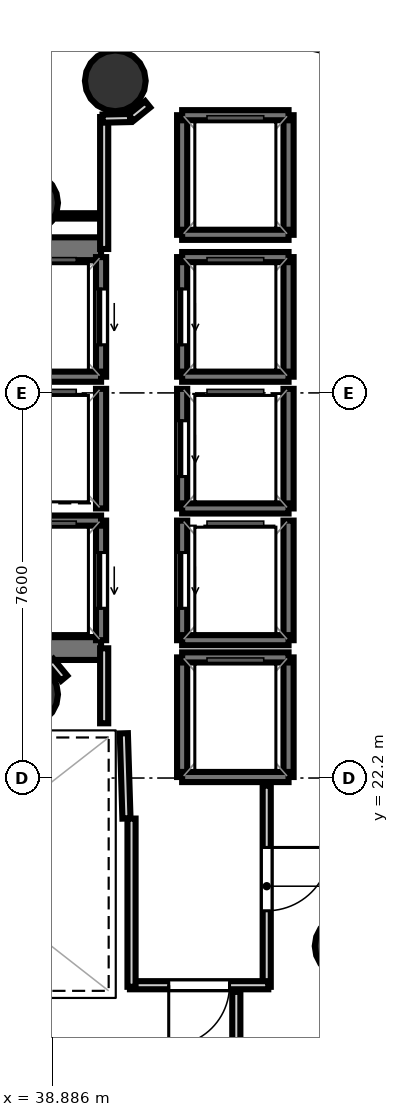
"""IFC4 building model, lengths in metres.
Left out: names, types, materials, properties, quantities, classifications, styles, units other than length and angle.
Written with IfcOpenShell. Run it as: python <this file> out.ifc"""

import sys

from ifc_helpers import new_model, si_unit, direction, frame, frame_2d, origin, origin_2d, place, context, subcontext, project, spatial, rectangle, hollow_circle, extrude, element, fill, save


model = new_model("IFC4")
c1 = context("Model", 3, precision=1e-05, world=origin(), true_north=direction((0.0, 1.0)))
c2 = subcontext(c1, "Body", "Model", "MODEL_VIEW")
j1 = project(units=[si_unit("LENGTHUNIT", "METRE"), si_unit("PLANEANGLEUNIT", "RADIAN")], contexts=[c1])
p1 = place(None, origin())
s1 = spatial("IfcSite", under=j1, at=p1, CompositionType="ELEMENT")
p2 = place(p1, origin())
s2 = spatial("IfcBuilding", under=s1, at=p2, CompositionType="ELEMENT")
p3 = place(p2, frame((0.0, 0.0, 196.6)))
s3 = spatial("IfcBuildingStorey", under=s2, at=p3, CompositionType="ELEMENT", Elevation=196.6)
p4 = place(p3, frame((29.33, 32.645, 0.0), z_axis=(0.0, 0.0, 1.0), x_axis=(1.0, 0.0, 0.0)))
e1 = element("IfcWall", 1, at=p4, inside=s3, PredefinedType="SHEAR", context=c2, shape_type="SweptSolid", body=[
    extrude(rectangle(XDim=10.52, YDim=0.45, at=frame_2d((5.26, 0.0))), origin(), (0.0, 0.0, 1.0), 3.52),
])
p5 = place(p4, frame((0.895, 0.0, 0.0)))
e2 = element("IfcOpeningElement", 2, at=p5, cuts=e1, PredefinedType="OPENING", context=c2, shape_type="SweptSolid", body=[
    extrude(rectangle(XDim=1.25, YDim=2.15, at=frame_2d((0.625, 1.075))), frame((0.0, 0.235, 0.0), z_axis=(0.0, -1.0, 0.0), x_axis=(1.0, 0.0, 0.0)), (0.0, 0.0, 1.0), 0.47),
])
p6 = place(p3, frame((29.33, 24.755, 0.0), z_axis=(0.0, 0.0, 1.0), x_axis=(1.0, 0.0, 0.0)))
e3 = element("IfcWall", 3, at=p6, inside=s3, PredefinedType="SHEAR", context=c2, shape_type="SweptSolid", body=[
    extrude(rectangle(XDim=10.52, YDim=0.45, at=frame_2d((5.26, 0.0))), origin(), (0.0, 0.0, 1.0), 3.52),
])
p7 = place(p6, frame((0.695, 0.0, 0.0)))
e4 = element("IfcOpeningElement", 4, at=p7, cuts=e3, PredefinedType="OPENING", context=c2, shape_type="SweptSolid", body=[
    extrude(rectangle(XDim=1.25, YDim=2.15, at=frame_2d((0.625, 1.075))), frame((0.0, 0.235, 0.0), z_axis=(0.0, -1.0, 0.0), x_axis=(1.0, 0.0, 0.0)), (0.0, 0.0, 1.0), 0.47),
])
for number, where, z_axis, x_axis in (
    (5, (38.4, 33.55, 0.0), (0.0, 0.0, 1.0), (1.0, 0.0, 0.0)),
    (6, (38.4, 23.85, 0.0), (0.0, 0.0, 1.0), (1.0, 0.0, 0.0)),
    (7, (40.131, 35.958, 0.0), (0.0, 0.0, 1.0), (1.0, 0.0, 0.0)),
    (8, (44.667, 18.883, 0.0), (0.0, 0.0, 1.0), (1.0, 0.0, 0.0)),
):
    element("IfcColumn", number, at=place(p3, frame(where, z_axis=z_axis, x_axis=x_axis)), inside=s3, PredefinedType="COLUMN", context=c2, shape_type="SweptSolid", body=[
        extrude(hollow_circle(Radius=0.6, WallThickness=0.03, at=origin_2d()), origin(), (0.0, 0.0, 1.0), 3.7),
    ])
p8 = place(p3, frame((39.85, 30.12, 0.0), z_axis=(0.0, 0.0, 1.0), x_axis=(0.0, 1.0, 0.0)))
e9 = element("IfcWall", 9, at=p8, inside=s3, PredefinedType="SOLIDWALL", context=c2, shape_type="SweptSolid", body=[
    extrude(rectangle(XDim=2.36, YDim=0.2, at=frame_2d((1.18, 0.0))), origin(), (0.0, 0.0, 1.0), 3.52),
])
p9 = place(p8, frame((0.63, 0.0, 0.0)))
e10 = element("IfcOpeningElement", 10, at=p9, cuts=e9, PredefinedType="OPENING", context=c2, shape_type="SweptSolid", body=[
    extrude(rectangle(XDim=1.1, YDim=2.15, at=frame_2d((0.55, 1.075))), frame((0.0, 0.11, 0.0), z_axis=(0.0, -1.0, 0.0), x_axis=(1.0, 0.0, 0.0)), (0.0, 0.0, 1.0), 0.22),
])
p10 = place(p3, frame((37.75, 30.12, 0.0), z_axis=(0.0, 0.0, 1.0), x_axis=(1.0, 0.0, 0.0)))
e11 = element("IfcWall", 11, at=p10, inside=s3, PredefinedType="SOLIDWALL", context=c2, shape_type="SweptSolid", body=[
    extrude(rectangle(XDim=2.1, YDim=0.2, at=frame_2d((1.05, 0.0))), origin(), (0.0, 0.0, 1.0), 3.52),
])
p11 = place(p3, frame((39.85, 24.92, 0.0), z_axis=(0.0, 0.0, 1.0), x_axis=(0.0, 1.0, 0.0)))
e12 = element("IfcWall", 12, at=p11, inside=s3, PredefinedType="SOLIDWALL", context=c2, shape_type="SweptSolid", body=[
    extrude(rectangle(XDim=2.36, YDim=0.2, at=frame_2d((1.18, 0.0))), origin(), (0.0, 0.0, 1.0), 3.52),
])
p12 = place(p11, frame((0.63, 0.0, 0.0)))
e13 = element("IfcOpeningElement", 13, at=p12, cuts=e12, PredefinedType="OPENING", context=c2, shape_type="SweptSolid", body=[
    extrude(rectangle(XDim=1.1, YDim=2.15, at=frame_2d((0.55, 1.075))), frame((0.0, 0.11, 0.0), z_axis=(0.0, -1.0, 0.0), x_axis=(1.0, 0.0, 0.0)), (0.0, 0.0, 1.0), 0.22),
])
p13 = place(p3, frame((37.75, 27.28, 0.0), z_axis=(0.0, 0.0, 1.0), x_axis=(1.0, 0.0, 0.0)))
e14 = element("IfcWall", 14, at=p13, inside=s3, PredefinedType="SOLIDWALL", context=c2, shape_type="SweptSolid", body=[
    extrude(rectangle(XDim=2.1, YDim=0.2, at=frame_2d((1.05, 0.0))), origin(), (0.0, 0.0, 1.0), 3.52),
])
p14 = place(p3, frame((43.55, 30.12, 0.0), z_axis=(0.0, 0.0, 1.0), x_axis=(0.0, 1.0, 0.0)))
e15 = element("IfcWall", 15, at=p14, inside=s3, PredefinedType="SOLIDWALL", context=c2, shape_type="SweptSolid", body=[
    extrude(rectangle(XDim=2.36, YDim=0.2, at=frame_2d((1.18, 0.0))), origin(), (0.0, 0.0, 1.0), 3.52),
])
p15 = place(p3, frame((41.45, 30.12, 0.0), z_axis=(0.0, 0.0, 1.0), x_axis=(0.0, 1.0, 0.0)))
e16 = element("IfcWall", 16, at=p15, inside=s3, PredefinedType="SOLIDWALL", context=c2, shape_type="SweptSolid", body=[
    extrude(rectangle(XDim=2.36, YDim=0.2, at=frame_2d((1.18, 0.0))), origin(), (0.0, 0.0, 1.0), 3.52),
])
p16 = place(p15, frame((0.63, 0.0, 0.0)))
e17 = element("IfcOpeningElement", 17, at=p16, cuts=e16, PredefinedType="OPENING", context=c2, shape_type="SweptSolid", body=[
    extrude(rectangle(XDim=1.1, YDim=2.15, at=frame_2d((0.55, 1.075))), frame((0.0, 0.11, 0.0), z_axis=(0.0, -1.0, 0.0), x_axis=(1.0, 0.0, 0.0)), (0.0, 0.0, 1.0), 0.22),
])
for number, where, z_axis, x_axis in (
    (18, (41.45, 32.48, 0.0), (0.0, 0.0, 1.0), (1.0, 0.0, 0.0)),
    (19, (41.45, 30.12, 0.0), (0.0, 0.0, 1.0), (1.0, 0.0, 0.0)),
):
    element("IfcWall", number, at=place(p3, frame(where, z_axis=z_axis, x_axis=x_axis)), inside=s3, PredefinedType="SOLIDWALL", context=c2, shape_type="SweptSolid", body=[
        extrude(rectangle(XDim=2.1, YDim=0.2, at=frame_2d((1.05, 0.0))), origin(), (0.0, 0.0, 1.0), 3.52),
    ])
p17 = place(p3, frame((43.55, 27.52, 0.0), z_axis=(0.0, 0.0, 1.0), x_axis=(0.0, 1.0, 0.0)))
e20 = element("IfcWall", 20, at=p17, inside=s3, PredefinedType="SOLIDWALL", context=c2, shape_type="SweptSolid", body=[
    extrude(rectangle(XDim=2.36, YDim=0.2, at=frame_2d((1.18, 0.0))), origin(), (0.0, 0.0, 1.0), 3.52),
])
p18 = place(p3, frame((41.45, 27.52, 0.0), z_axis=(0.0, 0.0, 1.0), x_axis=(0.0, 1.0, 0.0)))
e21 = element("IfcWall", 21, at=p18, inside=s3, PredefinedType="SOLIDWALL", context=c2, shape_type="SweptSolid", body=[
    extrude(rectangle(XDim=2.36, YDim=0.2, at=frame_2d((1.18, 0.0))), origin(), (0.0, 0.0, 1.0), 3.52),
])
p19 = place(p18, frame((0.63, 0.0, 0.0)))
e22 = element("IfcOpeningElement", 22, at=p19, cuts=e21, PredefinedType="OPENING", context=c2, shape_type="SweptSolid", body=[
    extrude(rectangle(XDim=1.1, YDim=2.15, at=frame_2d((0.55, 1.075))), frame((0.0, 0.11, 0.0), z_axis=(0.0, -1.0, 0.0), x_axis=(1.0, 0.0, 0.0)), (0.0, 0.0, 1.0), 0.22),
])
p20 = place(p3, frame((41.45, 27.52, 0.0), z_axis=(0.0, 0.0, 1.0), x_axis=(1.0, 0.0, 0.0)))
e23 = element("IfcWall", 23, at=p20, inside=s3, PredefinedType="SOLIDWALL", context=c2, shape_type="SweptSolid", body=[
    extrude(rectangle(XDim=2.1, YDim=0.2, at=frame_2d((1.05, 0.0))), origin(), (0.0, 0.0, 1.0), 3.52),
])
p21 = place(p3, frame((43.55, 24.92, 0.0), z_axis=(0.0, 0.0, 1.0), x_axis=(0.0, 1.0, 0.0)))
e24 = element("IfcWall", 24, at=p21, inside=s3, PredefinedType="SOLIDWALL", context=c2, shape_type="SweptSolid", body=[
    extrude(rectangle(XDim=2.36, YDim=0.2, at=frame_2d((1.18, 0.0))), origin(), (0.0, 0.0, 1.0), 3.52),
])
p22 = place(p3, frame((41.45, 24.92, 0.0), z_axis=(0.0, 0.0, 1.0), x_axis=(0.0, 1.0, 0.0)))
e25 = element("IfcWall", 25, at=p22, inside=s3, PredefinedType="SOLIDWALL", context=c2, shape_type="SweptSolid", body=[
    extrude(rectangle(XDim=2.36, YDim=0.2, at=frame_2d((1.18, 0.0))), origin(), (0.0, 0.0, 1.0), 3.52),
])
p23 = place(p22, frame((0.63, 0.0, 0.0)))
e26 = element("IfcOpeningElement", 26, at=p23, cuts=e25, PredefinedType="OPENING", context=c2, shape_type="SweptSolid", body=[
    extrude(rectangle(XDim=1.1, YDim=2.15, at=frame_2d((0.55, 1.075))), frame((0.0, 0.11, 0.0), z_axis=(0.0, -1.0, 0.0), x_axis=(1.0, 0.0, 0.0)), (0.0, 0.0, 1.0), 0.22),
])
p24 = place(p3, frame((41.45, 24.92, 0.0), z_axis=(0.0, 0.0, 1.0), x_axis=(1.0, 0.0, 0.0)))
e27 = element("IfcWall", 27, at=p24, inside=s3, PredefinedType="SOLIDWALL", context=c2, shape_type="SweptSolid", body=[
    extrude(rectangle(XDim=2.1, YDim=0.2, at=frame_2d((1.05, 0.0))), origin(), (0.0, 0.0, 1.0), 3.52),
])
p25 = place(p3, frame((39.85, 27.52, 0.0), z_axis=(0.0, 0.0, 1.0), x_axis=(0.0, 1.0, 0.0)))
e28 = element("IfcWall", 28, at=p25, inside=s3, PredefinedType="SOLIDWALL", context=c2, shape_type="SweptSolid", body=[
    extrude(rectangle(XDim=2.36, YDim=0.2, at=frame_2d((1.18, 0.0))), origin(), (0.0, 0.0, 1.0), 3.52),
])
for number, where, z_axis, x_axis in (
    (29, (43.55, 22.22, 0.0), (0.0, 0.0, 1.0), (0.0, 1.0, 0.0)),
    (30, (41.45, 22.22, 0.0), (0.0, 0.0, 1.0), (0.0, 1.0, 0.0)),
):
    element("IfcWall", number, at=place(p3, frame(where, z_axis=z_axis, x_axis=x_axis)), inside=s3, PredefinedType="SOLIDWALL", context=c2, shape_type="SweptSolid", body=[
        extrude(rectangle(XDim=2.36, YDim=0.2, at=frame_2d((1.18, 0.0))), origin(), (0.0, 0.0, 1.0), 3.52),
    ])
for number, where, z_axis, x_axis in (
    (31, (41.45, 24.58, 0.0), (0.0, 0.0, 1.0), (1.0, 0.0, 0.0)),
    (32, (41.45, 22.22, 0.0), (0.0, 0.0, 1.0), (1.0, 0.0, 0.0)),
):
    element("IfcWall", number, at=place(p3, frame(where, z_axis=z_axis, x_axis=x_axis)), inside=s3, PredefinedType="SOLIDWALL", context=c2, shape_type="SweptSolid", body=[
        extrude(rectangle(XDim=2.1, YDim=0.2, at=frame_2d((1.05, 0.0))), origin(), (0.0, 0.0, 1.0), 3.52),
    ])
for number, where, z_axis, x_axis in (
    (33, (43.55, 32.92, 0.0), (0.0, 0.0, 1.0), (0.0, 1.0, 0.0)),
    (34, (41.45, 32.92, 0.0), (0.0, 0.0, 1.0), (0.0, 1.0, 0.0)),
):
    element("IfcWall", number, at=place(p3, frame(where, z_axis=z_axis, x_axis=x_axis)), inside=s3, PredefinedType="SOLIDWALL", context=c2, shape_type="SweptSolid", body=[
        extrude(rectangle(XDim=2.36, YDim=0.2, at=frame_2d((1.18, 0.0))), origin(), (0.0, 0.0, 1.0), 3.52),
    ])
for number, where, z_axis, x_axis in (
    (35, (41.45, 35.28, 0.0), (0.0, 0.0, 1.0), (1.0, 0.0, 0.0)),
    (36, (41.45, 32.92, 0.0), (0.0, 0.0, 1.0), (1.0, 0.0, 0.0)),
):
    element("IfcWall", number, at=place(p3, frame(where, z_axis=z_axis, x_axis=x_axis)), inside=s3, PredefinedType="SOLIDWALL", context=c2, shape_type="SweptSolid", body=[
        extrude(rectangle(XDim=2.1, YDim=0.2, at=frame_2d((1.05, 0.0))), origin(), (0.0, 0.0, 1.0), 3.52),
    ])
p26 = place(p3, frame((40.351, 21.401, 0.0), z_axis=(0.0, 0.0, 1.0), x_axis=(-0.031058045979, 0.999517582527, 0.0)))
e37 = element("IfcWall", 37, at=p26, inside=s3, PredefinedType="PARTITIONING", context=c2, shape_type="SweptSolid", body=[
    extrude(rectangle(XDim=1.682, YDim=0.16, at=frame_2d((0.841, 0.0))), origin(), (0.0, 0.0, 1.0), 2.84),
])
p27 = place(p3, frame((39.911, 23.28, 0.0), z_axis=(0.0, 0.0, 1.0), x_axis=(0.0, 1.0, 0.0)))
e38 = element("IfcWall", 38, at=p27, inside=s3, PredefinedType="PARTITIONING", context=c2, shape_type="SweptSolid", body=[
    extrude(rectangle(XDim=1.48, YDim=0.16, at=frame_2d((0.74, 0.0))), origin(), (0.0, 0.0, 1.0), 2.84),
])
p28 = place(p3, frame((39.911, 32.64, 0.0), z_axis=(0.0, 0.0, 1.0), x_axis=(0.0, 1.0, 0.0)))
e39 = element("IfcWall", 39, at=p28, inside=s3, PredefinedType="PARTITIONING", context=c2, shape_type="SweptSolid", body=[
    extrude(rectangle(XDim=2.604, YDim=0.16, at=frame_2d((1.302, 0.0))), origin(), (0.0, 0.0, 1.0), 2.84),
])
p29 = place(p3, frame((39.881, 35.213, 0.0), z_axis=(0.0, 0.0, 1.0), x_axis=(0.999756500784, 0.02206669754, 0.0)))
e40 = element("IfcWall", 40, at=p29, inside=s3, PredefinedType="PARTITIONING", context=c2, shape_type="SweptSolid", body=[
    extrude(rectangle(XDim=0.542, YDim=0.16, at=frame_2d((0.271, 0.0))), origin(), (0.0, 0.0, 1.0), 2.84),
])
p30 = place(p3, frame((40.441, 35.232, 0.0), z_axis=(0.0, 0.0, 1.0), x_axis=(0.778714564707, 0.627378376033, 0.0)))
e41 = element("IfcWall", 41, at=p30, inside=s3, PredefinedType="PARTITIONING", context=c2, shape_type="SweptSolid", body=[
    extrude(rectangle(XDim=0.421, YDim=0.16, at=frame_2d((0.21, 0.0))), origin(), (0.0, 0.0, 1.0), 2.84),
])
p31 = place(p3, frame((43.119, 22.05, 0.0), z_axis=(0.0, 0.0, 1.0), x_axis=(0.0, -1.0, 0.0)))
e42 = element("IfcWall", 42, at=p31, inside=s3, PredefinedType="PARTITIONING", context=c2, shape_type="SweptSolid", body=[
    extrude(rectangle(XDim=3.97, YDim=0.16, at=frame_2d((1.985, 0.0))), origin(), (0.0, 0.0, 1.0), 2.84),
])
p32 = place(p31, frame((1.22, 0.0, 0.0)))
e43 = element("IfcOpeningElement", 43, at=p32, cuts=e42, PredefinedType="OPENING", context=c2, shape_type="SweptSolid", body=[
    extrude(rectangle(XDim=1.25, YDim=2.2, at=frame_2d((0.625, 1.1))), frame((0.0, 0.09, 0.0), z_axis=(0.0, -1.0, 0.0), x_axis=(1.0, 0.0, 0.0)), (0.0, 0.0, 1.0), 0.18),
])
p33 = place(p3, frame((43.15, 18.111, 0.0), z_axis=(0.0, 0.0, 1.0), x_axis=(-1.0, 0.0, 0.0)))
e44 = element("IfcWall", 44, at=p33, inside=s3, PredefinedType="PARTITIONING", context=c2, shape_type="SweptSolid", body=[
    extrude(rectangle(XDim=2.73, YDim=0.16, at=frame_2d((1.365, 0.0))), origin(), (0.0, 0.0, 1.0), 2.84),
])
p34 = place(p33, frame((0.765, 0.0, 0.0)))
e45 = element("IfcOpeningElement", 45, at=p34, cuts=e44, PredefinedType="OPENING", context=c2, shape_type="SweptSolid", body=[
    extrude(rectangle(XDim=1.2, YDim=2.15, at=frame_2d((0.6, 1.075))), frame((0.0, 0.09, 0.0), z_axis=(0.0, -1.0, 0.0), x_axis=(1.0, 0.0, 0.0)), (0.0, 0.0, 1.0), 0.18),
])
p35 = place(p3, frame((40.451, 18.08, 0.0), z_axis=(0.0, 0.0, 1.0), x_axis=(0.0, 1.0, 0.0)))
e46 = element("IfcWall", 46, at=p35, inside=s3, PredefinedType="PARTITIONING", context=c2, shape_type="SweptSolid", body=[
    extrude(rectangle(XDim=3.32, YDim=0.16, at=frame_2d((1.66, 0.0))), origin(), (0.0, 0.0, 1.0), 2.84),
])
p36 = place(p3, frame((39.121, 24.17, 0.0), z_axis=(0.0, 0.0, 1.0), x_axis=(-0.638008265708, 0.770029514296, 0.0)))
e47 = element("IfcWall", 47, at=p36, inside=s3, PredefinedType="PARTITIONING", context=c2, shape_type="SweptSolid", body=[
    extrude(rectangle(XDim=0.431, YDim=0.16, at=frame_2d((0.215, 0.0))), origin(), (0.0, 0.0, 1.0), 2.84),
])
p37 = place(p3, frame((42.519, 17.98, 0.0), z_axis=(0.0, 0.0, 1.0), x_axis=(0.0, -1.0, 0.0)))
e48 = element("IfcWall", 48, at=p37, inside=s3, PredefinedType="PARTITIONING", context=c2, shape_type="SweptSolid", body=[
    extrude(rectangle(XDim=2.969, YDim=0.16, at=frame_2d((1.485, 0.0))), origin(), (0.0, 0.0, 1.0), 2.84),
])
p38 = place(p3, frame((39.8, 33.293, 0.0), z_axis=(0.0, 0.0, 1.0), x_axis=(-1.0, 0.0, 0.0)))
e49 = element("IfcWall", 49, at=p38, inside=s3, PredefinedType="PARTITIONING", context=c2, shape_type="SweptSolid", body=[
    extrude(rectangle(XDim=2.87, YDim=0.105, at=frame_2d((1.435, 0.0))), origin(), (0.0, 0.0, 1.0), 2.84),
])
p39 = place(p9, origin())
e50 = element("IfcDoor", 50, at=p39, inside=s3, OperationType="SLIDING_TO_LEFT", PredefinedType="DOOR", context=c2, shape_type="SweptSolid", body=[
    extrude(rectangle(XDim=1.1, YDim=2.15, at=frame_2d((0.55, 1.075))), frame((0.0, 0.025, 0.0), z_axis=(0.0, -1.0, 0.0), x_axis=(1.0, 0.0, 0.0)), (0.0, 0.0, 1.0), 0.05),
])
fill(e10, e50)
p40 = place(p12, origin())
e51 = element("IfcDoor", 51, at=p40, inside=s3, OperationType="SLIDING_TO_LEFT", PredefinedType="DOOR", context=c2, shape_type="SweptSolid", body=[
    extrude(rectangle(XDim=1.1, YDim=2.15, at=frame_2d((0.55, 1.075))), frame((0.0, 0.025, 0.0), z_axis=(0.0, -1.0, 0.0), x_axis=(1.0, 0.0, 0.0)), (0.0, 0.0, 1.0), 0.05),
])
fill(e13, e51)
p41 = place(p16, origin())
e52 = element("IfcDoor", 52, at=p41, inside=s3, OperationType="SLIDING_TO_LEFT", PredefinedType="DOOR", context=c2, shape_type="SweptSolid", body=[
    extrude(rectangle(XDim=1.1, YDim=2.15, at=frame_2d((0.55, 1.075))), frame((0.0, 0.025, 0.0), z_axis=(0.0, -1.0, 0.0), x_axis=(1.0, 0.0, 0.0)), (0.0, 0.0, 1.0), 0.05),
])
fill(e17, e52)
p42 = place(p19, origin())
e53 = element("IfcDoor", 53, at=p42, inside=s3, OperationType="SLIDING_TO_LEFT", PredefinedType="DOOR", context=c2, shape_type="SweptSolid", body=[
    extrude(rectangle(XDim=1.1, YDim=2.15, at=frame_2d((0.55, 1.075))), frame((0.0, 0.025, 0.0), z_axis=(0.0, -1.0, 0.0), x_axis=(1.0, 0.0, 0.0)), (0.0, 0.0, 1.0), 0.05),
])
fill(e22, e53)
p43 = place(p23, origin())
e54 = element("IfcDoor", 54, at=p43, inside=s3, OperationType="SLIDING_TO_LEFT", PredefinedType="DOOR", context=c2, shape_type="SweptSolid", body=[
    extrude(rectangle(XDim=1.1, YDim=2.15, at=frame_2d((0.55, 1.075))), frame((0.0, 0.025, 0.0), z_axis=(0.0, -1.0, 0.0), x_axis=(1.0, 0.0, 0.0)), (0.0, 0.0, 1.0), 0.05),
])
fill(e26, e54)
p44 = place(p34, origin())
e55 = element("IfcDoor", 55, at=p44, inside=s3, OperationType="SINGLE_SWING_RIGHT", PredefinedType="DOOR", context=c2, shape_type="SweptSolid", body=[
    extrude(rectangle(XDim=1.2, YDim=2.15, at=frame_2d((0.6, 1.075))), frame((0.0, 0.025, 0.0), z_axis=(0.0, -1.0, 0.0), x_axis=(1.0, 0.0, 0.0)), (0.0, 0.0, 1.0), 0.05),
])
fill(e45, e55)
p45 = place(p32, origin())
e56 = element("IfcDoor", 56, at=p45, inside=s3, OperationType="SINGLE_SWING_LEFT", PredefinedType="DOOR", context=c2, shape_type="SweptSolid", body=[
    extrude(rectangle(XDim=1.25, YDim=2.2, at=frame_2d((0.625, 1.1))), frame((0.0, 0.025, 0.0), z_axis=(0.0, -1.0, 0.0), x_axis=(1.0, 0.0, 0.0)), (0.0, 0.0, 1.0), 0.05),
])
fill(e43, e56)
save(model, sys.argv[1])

________

If a line in the data above holds the string "fill", copy it.

from ifc_helpers import new_model, si_unit, direction, frame, frame_2d, origin, origin_2d, place, context, subcontext, project, spatial, rectangle, hollow_circle, extrude, element, fill, save
fill(e10, e50)
fill(e13, e51)
fill(e17, e52)
fill(e22, e53)
fill(e26, e54)
fill(e45, e55)
fill(e43, e56)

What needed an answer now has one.